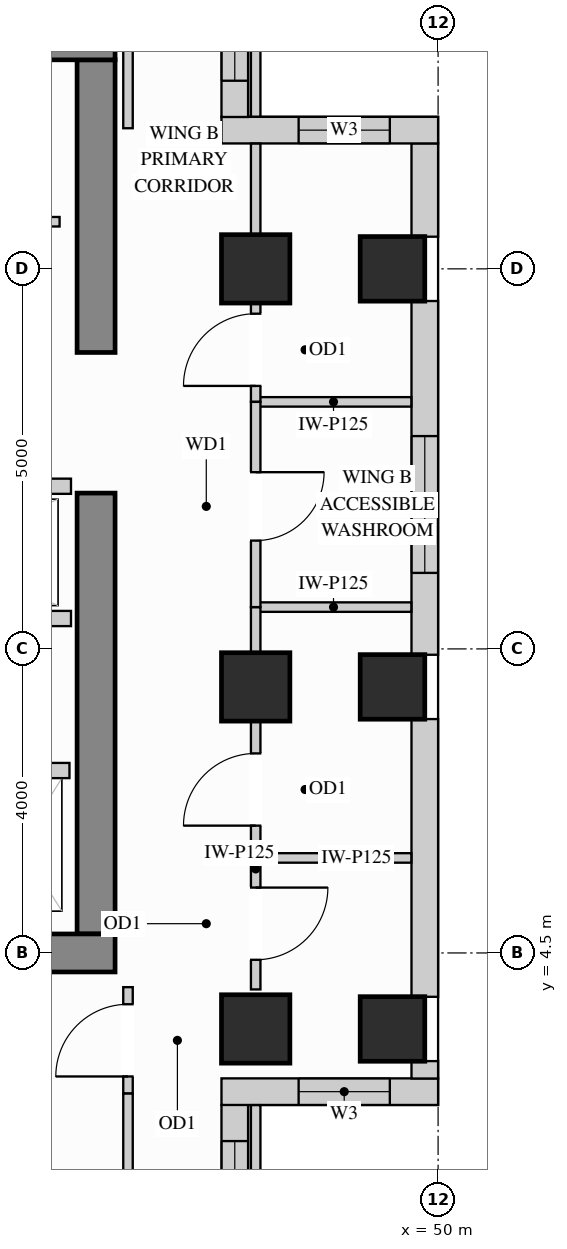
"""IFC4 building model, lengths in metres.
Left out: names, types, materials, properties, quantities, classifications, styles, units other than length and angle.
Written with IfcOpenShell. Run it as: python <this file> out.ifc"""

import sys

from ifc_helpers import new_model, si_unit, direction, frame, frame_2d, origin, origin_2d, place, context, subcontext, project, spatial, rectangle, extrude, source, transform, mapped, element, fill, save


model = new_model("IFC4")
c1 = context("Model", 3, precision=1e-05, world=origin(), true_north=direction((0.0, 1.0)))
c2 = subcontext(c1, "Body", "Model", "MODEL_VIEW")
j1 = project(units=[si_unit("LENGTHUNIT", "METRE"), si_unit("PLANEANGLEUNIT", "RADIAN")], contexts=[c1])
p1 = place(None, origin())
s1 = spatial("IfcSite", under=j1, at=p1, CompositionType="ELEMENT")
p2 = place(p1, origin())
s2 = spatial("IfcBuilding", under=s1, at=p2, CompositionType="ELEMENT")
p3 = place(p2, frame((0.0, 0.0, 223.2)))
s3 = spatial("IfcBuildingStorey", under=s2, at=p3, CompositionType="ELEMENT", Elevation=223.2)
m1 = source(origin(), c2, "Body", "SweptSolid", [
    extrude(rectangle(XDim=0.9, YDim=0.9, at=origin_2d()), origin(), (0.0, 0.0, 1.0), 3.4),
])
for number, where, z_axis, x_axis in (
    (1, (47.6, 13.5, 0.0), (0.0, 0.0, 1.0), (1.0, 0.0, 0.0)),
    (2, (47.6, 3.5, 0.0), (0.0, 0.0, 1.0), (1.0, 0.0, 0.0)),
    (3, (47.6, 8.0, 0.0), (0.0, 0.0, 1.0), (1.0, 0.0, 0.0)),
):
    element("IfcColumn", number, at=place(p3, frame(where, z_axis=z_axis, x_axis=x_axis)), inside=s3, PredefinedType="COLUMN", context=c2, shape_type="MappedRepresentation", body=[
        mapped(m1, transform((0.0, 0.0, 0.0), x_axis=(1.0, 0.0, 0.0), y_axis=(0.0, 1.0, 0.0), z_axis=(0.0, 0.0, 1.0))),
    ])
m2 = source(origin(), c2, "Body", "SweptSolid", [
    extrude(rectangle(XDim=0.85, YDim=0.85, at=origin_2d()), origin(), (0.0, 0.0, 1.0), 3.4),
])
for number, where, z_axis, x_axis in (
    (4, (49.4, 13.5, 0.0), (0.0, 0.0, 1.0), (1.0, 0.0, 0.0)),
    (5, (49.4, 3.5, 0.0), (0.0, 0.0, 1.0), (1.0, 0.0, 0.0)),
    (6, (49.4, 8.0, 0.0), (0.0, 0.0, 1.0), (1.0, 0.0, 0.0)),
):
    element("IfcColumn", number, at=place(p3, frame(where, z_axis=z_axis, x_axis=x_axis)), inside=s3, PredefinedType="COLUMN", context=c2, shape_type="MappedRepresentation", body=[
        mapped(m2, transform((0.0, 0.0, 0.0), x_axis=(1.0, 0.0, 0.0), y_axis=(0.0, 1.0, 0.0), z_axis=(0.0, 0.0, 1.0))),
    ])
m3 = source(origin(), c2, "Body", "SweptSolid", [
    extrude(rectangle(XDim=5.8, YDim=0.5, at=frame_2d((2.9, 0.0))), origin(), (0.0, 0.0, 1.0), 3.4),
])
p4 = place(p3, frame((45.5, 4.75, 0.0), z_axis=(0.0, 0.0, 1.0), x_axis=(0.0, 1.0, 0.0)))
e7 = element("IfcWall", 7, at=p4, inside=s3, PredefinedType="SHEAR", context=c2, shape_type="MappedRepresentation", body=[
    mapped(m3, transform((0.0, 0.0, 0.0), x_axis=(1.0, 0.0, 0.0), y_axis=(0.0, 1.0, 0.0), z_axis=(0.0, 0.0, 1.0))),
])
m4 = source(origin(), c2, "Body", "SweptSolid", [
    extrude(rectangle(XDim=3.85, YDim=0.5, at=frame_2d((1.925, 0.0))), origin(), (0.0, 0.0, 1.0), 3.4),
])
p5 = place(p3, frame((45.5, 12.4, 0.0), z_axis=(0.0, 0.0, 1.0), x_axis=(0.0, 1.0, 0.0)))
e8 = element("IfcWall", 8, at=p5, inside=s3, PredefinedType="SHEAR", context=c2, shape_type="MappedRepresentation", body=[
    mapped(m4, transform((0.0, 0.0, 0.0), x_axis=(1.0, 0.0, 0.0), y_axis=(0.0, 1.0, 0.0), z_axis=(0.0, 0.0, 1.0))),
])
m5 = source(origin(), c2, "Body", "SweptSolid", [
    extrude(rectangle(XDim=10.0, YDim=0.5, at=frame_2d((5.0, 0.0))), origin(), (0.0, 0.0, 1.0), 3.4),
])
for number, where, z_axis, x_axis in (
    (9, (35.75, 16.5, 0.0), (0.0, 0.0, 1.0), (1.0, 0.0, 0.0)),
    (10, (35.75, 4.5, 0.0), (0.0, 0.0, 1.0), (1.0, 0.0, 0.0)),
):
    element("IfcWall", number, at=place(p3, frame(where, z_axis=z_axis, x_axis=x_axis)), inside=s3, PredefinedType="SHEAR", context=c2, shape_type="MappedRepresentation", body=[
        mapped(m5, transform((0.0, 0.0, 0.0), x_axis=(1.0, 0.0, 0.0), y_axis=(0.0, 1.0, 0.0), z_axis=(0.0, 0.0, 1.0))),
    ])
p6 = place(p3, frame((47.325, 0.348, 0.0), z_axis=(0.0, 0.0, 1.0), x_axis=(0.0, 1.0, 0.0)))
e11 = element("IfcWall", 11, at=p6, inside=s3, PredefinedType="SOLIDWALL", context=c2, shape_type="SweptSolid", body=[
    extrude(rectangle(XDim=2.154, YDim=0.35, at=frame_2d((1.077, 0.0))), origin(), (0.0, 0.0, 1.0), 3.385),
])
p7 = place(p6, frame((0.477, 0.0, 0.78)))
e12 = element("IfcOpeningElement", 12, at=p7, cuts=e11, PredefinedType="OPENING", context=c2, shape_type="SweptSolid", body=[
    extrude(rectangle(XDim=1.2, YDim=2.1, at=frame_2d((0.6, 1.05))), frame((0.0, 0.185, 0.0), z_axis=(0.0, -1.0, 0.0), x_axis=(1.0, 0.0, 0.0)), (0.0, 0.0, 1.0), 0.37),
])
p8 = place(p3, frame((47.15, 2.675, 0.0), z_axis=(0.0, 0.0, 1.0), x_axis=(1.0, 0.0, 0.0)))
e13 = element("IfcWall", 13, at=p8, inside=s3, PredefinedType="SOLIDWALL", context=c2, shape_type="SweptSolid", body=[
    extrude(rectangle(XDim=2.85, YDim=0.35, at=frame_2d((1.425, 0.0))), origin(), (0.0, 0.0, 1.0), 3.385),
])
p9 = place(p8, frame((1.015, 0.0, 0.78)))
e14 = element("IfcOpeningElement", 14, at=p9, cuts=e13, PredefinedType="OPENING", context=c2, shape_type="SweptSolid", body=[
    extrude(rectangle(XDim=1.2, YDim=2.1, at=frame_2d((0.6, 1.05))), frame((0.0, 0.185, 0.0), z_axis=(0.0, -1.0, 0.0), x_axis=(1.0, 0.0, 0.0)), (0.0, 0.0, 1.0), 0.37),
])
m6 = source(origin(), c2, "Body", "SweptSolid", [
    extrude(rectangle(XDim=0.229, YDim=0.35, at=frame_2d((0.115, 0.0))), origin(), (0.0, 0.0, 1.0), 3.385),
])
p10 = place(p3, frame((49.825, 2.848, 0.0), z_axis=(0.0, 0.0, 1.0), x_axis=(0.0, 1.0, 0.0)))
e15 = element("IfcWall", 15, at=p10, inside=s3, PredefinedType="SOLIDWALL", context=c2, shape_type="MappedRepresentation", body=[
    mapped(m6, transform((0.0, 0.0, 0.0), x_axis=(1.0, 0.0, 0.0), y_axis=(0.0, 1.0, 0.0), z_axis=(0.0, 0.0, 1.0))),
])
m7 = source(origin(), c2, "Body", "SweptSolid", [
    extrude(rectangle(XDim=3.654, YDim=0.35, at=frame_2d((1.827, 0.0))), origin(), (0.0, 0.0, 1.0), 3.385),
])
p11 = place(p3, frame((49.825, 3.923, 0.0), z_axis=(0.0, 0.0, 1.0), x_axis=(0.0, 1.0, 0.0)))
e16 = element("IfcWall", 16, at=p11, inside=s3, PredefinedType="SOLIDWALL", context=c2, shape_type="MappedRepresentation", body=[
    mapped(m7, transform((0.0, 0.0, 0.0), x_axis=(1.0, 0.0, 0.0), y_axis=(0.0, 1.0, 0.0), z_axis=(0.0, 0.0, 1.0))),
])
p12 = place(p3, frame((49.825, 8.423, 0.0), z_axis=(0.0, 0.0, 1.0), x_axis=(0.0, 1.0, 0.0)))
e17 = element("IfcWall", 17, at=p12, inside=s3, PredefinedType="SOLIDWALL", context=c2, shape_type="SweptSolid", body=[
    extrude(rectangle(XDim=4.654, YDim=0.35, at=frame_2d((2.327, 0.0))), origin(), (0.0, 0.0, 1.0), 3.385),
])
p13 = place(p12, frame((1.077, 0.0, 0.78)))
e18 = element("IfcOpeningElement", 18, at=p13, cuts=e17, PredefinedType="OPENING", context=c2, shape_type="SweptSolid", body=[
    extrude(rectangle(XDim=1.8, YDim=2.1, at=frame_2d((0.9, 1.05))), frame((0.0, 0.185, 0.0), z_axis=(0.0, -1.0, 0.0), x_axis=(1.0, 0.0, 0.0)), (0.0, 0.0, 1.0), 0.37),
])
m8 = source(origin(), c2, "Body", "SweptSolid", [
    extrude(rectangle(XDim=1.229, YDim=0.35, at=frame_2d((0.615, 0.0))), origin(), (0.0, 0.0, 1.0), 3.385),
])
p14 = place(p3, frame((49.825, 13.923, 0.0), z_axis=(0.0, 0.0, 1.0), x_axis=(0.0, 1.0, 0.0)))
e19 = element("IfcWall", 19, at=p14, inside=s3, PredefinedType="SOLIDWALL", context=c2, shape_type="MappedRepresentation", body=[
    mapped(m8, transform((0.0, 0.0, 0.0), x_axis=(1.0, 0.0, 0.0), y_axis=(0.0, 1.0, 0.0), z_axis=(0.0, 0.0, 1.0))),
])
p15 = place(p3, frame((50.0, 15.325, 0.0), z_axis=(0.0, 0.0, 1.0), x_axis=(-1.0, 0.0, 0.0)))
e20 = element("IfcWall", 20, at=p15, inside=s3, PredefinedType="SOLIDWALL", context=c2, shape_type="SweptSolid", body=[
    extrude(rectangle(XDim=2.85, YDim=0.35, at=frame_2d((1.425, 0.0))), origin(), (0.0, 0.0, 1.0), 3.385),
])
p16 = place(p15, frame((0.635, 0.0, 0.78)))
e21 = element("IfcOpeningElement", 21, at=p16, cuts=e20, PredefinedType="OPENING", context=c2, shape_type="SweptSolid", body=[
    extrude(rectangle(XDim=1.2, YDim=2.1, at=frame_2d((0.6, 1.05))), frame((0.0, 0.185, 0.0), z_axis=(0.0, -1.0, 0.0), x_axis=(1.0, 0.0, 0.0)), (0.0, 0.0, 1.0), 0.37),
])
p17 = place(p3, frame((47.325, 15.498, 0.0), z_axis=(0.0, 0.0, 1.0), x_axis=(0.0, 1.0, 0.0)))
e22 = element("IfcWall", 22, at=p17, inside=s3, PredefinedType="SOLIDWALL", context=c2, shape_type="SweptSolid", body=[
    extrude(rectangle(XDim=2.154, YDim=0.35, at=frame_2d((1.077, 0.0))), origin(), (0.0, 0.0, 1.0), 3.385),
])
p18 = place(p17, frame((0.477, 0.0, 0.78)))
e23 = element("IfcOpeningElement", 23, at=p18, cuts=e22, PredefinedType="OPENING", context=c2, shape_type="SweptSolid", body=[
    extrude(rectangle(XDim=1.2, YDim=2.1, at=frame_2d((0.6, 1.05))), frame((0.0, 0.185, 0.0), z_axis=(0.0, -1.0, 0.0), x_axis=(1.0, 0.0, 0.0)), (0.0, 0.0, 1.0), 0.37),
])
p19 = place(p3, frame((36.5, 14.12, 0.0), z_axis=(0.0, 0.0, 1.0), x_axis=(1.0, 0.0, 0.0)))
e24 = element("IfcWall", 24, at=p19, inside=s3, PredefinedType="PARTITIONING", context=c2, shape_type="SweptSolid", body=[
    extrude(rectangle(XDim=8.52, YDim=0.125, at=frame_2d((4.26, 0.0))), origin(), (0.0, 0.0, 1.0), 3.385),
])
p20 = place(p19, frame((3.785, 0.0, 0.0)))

PROBLEM DESCRIPTION
Every line containing the string "source" is required; copy each such line from the data.

WRITTEN RESPONSE
from ifc_helpers import new_model, si_unit, direction, frame, frame_2d, origin, origin_2d, place, context, subcontext, project, spatial, rectangle, extrude, source, transform, mapped, element, fill, save
m1 = source(origin(), c2, "Body", "SweptSolid", [
m2 = source(origin(), c2, "Body", "SweptSolid", [
m3 = source(origin(), c2, "Body", "SweptSolid", [
m4 = source(origin(), c2, "Body", "SweptSolid", [
m5 = source(origin(), c2, "Body", "SweptSolid", [
m6 = source(origin(), c2, "Body", "SweptSolid", [
m7 = source(origin(), c2, "Body", "SweptSolid", [
m8 = source(origin(), c2, "Body", "SweptSolid", [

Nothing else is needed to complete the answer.